= Exercise instructions =
For the entries below, repeat exactly each line starting with the one that contains "#162=DIRECTION('',(0.,-0.1736,0.9848));" and going on through the one that contains "#167=CARTESIAN_POINT('',(2.648,-7.434,23.657));", and no others.

Extracted data entries
──────

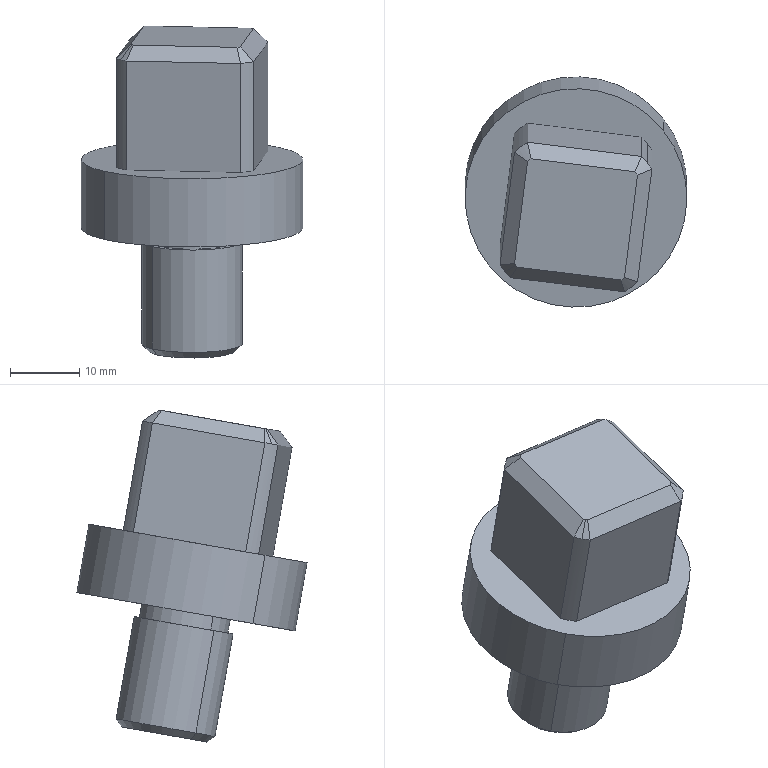Component | SolidWorks | 27PlugScrew-1 | 1 solid | 31 faces | box 32 x 33.25 x 47.93 mm | volume 17888 mm3 | plane 13 | cylinder 11 | cone 7 | commonest cylinder face diameters 26 x5 14.5 x2 13 x2 32 x2
STEP:
#1=COLOUR_RGB('',0.7922,0.8196,0.9333);
#2=FILL_AREA_STYLE_COLOUR('',#1);
#3=FILL_AREA_STYLE('',(#2));
#4=SURFACE_STYLE_FILL_AREA(#3);
#5=SURFACE_SIDE_STYLE('',(#4));
#6=SURFACE_STYLE_USAGE(.BOTH.,#5);
#7=PRESENTATION_STYLE_ASSIGNMENT((#6));
#8=CARTESIAN_POINT('',(2.951,-7.079,23.));
#9=VERTEX_POINT('',#8);
#10=CARTESIAN_POINT('',(3.339,-6.782,23.053));
#11=VERTEX_POINT('',#10);
#12=CARTESIAN_POINT('',(3.145,-6.931,23.027));
#13=DIRECTION('',(-0.,0.1736,-0.9848));
#14=DIRECTION('',(-0.7898,-0.6041,-0.1065));
#15=AXIS2_PLACEMENT_3D('',#12,#13,#14);
#16=CIRCLE('',#15,0.2461);
#17=EDGE_CURVE('',#9,#11,#16,.T.);
#18=ORIENTED_EDGE('',*,*,#17,.F.);
#19=CARTESIAN_POINT('',(2.92,-7.11,23.035));
#20=VERTEX_POINT('',#19);
#21=CARTESIAN_POINT('',(2.951,-7.079,23.));
#22=DIRECTION('',(-0.5585,-0.5499,0.621));
#23=VECTOR('',#22,39.37);
#24=LINE('',#21,#23);
#25=EDGE_CURVE('',#9,#20,#24,.T.);
#26=ORIENTED_EDGE('',*,*,#25,.T.);
#27=CARTESIAN_POINT('',(3.37,-6.765,23.096));
#28=VERTEX_POINT('',#27);
#29=CARTESIAN_POINT('',(3.145,-6.938,23.065));
#30=DIRECTION('',(0.,-0.1736,0.9848));
#31=DIRECTION('',(-0.7898,-0.6041,-0.1065));
#32=AXIS2_PLACEMENT_3D('',#29,#30,#31);
#33=CIRCLE('',#32,0.2854);
#34=EDGE_CURVE('',#28,#20,#33,.T.);
#35=ORIENTED_EDGE('',*,*,#34,.F.);
#36=CARTESIAN_POINT('',(3.339,-6.782,23.053));
#37=DIRECTION('',(0.5585,0.3043,0.7717));
#38=VECTOR('',#37,39.37);
#39=LINE('',#36,#38);
#40=EDGE_CURVE('',#11,#28,#39,.T.);
#41=ORIENTED_EDGE('',*,*,#40,.F.);
#42=EDGE_LOOP('',(#18,#26,#35,#41));
#43=FACE_OUTER_BOUND('',#42,.T.);
#44=CARTESIAN_POINT('',(3.145,-6.931,23.027));
#45=DIRECTION('',(0.,-0.1736,0.9848));
#46=DIRECTION('',(0.7898,0.6041,0.1065));
#47=AXIS2_PLACEMENT_3D('',#44,#45,#46);
#48=CONICAL_SURFACE('',#47,0.2461,0.7854);
#49=ADVANCED_FACE('',(#43),#48,.T.);
#50=CARTESIAN_POINT('',(2.803,-7.507,24.764));
#51=VERTEX_POINT('',#50);
#52=CARTESIAN_POINT('',(2.811,-7.516,24.762));
#53=VERTEX_POINT('',#52);
#54=CARTESIAN_POINT('',(3.145,-7.245,24.81));
#55=DIRECTION('',(0.,-0.1736,0.9848));
#56=DIRECTION('',(-0.7898,-0.6041,-0.1065));
#57=AXIS2_PLACEMENT_3D('',#54,#55,#56);
#58=CIRCLE('',#57,0.4331);
#59=EDGE_CURVE('',#51,#53,#58,.T.);
#60=ORIENTED_EDGE('',*,*,#59,.F.);
#61=CARTESIAN_POINT('',(2.741,-7.541,24.678));
#62=VERTEX_POINT('',#61);
#63=CARTESIAN_POINT('',(2.741,-7.541,24.678));
#64=DIRECTION('',(-0.5585,-0.3043,-0.7717));
#65=VECTOR('',#64,39.37);
#66=LINE('',#63,#65);
#67=EDGE_CURVE('',#51,#62,#66,.T.);
#68=ORIENTED_EDGE('',*,*,#67,.T.);
#69=CARTESIAN_POINT('',(2.771,-7.576,24.672));
#70=VERTEX_POINT('',#69);
#71=CARTESIAN_POINT('',(3.145,-7.232,24.733));
#72=DIRECTION('',(-0.,0.1736,-0.9848));
#73=DIRECTION('',(-0.7898,-0.6041,-0.1065));
#74=AXIS2_PLACEMENT_3D('',#71,#72,#73);
#75=CIRCLE('',#74,0.5118);
#76=EDGE_CURVE('',#70,#62,#75,.T.);
#77=ORIENTED_EDGE('',*,*,#76,.F.);
#78=CARTESIAN_POINT('',(2.771,-7.576,24.672));
#79=CARTESIAN_POINT('',(2.784,-7.556,24.702));
#80=CARTESIAN_POINT('',(2.797,-7.536,24.732));
#81=CARTESIAN_POINT('',(2.811,-7.516,24.762));
#82=B_SPLINE_CURVE_WITH_KNOTS('',3,(#78,#79,#80,#81),.UNSPECIFIED.,.F.,.F.,(4,4),(0.,0.002928),.UNSPECIFIED.);
#83=EDGE_CURVE('',#70,#53,#82,.T.);
#84=ORIENTED_EDGE('',*,*,#83,.T.);
#85=EDGE_LOOP('',(#60,#68,#77,#84));
#86=FACE_OUTER_BOUND('',#85,.T.);
#87=CARTESIAN_POINT('',(3.145,-7.232,24.733));
#88=DIRECTION('',(-0.,0.1736,-0.9848));
#89=DIRECTION('',(-0.7898,-0.6041,-0.1065));
#90=AXIS2_PLACEMENT_3D('',#87,#88,#89);
#91=CONICAL_SURFACE('',#90,0.5118,0.7854);
#92=ADVANCED_FACE('',(#86),#91,.T.);
#93=ORIENTED_EDGE('',*,*,#34,.T.);
#94=CARTESIAN_POINT('',(2.92,-7.213,23.617));
#95=VERTEX_POINT('',#94);
#96=CARTESIAN_POINT('',(2.92,-7.103,22.996));
#97=DIRECTION('',(0.,-0.1736,0.9848));
#98=VECTOR('',#97,39.37);
#99=LINE('',#96,#98);
#100=EDGE_CURVE('',#20,#95,#99,.T.);
#101=ORIENTED_EDGE('',*,*,#100,.T.);
#102=CARTESIAN_POINT('',(3.37,-6.868,23.677));
#103=VERTEX_POINT('',#102);
#104=CARTESIAN_POINT('',(3.145,-7.04,23.647));
#105=DIRECTION('',(-0.,0.1736,-0.9848));
#106=DIRECTION('',(-0.7898,-0.6041,-0.1065));
#107=AXIS2_PLACEMENT_3D('',#104,#105,#106);
#108=CIRCLE('',#107,0.2854);
#109=EDGE_CURVE('',#95,#103,#108,.T.);
#110=ORIENTED_EDGE('',*,*,#109,.T.);
#111=CARTESIAN_POINT('',(3.37,-6.758,23.057));
#112=DIRECTION('',(0.,-0.1736,0.9848));
#113=VECTOR('',#112,39.37);
#114=LINE('',#111,#113);
#115=EDGE_CURVE('',#28,#103,#114,.T.);
#116=ORIENTED_EDGE('',*,*,#115,.F.);
#117=EDGE_LOOP('',(#93,#101,#110,#116));
#118=FACE_OUTER_BOUND('',#117,.T.);
#119=CARTESIAN_POINT('',(3.145,-6.931,23.027));
#120=DIRECTION('',(0.,-0.1736,0.9848));
#121=DIRECTION('',(0.7898,0.6041,0.1065));
#122=AXIS2_PLACEMENT_3D('',#119,#120,#121);
#123=CYLINDRICAL_SURFACE('',#122,0.2854);
#124=ADVANCED_FACE('',(#118),#123,.T.);
#125=CARTESIAN_POINT('',(2.943,-7.195,23.62));
#126=VERTEX_POINT('',#125);
#127=CARTESIAN_POINT('',(3.347,-6.886,23.674));
#128=VERTEX_POINT('',#127);
#129=CARTESIAN_POINT('',(3.145,-7.04,23.647));
#130=DIRECTION('',(-0.,0.1736,-0.9848));
#131=DIRECTION('',(-0.7898,-0.6041,-0.1065));
#132=AXIS2_PLACEMENT_3D('',#129,#130,#131);
#133=CIRCLE('',#132,0.2559);
#134=EDGE_CURVE('',#126,#128,#133,.T.);
#135=ORIENTED_EDGE('',*,*,#134,.F.);
#136=CARTESIAN_POINT('',(2.943,-7.208,23.697));
#137=VERTEX_POINT('',#136);
#138=CARTESIAN_POINT('',(2.943,-7.195,23.62));
#139=DIRECTION('',(0.,-0.1736,0.9848));
#140=VECTOR('',#139,39.37);
#141=LINE('',#138,#140);
#142=EDGE_CURVE('',#126,#137,#141,.T.);
#143=ORIENTED_EDGE('',*,*,#142,.T.);
#144=CARTESIAN_POINT('',(3.347,-6.899,23.752));
#145=VERTEX_POINT('',#144);
#146=CARTESIAN_POINT('',(3.145,-7.054,23.725));
#147=DIRECTION('',(-0.,0.1736,-0.9848));
#148=DIRECTION('',(-0.7898,-0.6041,-0.1065));
#149=AXIS2_PLACEMENT_3D('',#146,#147,#148);
#150=CIRCLE('',#149,0.2559);
#151=EDGE_CURVE('',#137,#145,#150,.T.);
#152=ORIENTED_EDGE('',*,*,#151,.T.);
#153=CARTESIAN_POINT('',(3.347,-6.886,23.674));
#154=DIRECTION('',(0.,-0.1736,0.9848));
#155=VECTOR('',#154,39.37);
#156=LINE('',#153,#155);
#157=EDGE_CURVE('',#128,#145,#156,.T.);
#158=ORIENTED_EDGE('',*,*,#157,.F.);
#159=EDGE_LOOP('',(#135,#143,#152,#158));
#160=FACE_OUTER_BOUND('',#159,.T.);
#161=CARTESIAN_POINT('',(3.145,-7.04,23.647));
#162=DIRECTION('',(0.,-0.1736,0.9848));
#163=DIRECTION('',(0.7898,0.6041,0.1065));
#164=AXIS2_PLACEMENT_3D('',#161,#162,#163);
#165=CYLINDRICAL_SURFACE('',#164,0.2559);
#166=ADVANCED_FACE('',(#160),#165,.T.);
#167=CARTESIAN_POINT('',(2.648,-7.434,23.657));
#168=VERTEX_POINT('',#167);
#169=CARTESIAN_POINT('',(3.643,-6.673,23.792));
#170=VERTEX_POINT('',#169);
#171=CARTESIAN_POINT('',(3.145,-7.054,23.725));
#172=DIRECTION('',(-0.,0.1736,-0.9848));
#173=DIRECTION('',(-0.7898,-0.6041,-0.1065));
#174=AXIS2_PLACEMENT_3D('',#171,#172,#173);
#175=CIRCLE('',#174,0.6299);
#176=EDGE_CURVE('',#168,#170,#175,.T.);
#177=ORIENTED_EDGE('',*,*,#176,.F.);
#178=CARTESIAN_POINT('',(2.648,-7.503,24.045));
#179=VERTEX_POINT('',#178);
#180=CARTESIAN_POINT('',(2.648,-7.434,23.657));
#181=DIRECTION('',(0.,-0.1736,0.9848));
#182=VECTOR('',#181,39.37);
#183=LINE('',#180,#182);
#184=EDGE_CURVE('',#168,#179,#183,.T.);
#185=ORIENTED_EDGE('',*,*,#184,.T.);
#186=CARTESIAN_POINT('',(3.643,-6.742,24.179));
#187=VERTEX_POINT('',#186);
#188=CARTESIAN_POINT('',(3.145,-7.122,24.112));
#189=DIRECTION('',(-0.,0.1736,-0.9848));
#190=DIRECTION('',(-0.7898,-0.6041,-0.1065));
#191=AXIS2_PLACEMENT_3D('',#188,#189,#190);
#192=CIRCLE('',#191,0.6299);
#193=EDGE_CURVE('',#179,#187,#192,.T.);
#194=ORIENTED_EDGE('',*,*,#193,.T.);
#195=CARTESIAN_POINT('',(3.643,-6.673,23.792));
#196=DIRECTION('',(0.,-0.1736,0.9848));
#197=VECTOR('',#196,39.37);
#198=LINE('',#195,#197);
#199=EDGE_CURVE('',#170,#187,#198,.T.);
#200=ORIENTED_EDGE('',*,*,#199,.F.);
#201=EDGE_LOOP('',(#177,#185,#194,#200));
#202=FACE_OUTER_BOUND('',#201,.T.);
#203=CARTESIAN_POINT('',(3.145,-7.054,23.725));
#204=DIRECTION('',(0.,-0.1736,0.9848));
#205=DIRECTION('',(0.7898,0.6041,0.1065));
#206=AXIS2_PLACEMENT_3D('',#203,#204,#205);
#207=CYLINDRICAL_SURFACE('',#206,0.6299);
#208=ADVANCED_FACE('',(#202),#207,.T.);
#209=CARTESIAN_POINT('',(3.549,-6.813,24.167));
#210=VERTEX_POINT('',#209);
#211=CARTESIAN_POINT('',(3.576,-6.851,24.16));
#212=VERTEX_POINT('',#211);
#213=CARTESIAN_POINT('',(3.145,-7.122,24.112));
#214=DIRECTION('',(-0.,0.1736,-0.9848));
#215=DIRECTION('',(-0.7898,-0.6041,-0.1065));
#216=AXIS2_PLACEMENT_3D('',#213,#214,#215);
#217=CIRCLE('',#216,0.5118);
#218=EDGE_CURVE('',#210,#212,#217,.T.);
#219=ORIENTED_EDGE('',*,*,#218,.F.);
#220=CARTESIAN_POINT('',(3.549,-6.922,24.787));
#221=VERTEX_POINT('',#220);
#222=CARTESIAN_POINT('',(3.549,-6.813,24.167));
#223=DIRECTION('',(0.,-0.1736,0.9848));
#224=VECTOR('',#223,39.37);
#225=LINE('',#222,#224);
#226=EDGE_CURVE('',#210,#221,#225,.T.);
#227=ORIENTED_EDGE('',*,*,#226,.T.);
#228=CARTESIAN_POINT('',(3.576,-6.96,24.78));
#229=VERTEX_POINT('',#228);
#230=CARTESIAN_POINT('',(3.145,-7.232,24.733));
#231=DIRECTION('',(-0.,0.1736,-0.9848));
#232=DIRECTION('',(-0.7898,-0.6041,-0.1065));
#233=AXIS2_PLACEMENT_3D('',#230,#231,#232);
#234=CIRCLE('',#233,0.5118);
#235=EDGE_CURVE('',#221,#229,#234,.T.);
#236=ORIENTED_EDGE('',*,*,#235,.T.);
#237=CARTESIAN_POINT('',(3.576,-6.851,24.16));
#238=DIRECTION('',(0.,-0.1736,0.9848));
#239=VECTOR('',#238,39.37);
#240=LINE('',#237,#239);
#241=EDGE_CURVE('',#212,#229,#240,.T.);
#242=ORIENTED_EDGE('',*,*,#241,.F.);
#243=EDGE_LOOP('',(#219,#227,#236,#242));
#244=FACE_OUTER_BOUND('',#243,.T.);
#245=CARTESIAN_POINT('',(3.145,-7.122,24.112));
#246=DIRECTION('',(0.,-0.1736,0.9848));
#247=DIRECTION('',(0.7898,0.6041,0.1065));
#248=AXIS2_PLACEMENT_3D('',#245,#246,#247);
#249=CYLINDRICAL_SURFACE('',#248,0.5118);
#250=ADVANCED_FACE('',(#244),#249,.T.);
#251=CARTESIAN_POINT('',(2.795,-6.754,24.177));
#252=VERTEX_POINT('',#251);
#253=CARTESIAN_POINT('',(2.795,-6.864,24.797));
#254=VERTEX_POINT('',#253);
#255=CARTESIAN_POINT('',(2.795,-6.754,24.177));
#256=DIRECTION('',(0.,-0.1736,0.9848));
#257=VECTOR('',#256,39.37);
#258=LINE('',#255,#257);
#259=EDGE_CURVE('',#252,#254,#258,.T.);
#260=ORIENTED_EDGE('',*,*,#259,.T.);
#261=CARTESIAN_POINT('',(2.87,-6.807,24.807));
#262=VERTEX_POINT('',#261);
#263=CARTESIAN_POINT('',(3.145,-7.232,24.733));
#264=DIRECTION('',(-0.,0.1736,-0.9848));
#265=DIRECTION('',(-0.7898,-0.6041,-0.1065));
#266=AXIS2_PLACEMENT_3D('',#263,#264,#265);
#267=CIRCLE('',#266,0.5118);
#268=EDGE_CURVE('',#254,#262,#267,.T.);
#269=ORIENTED_EDGE('',*,*,#268,.T.);
#270=CARTESIAN_POINT('',(2.87,-6.697,24.187));
#271=VERTEX_POINT('',#270);
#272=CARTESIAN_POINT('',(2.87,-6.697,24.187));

──────

= Final answer =
#162=DIRECTION('',(0.,-0.1736,0.9848));
#163=DIRECTION('',(0.7898,0.6041,0.1065));
#164=AXIS2_PLACEMENT_3D('',#161,#162,#163);
#165=CYLINDRICAL_SURFACE('',#164,0.2559);
#166=ADVANCED_FACE('',(#160),#165,.T.);
#167=CARTESIAN_POINT('',(2.648,-7.434,23.657));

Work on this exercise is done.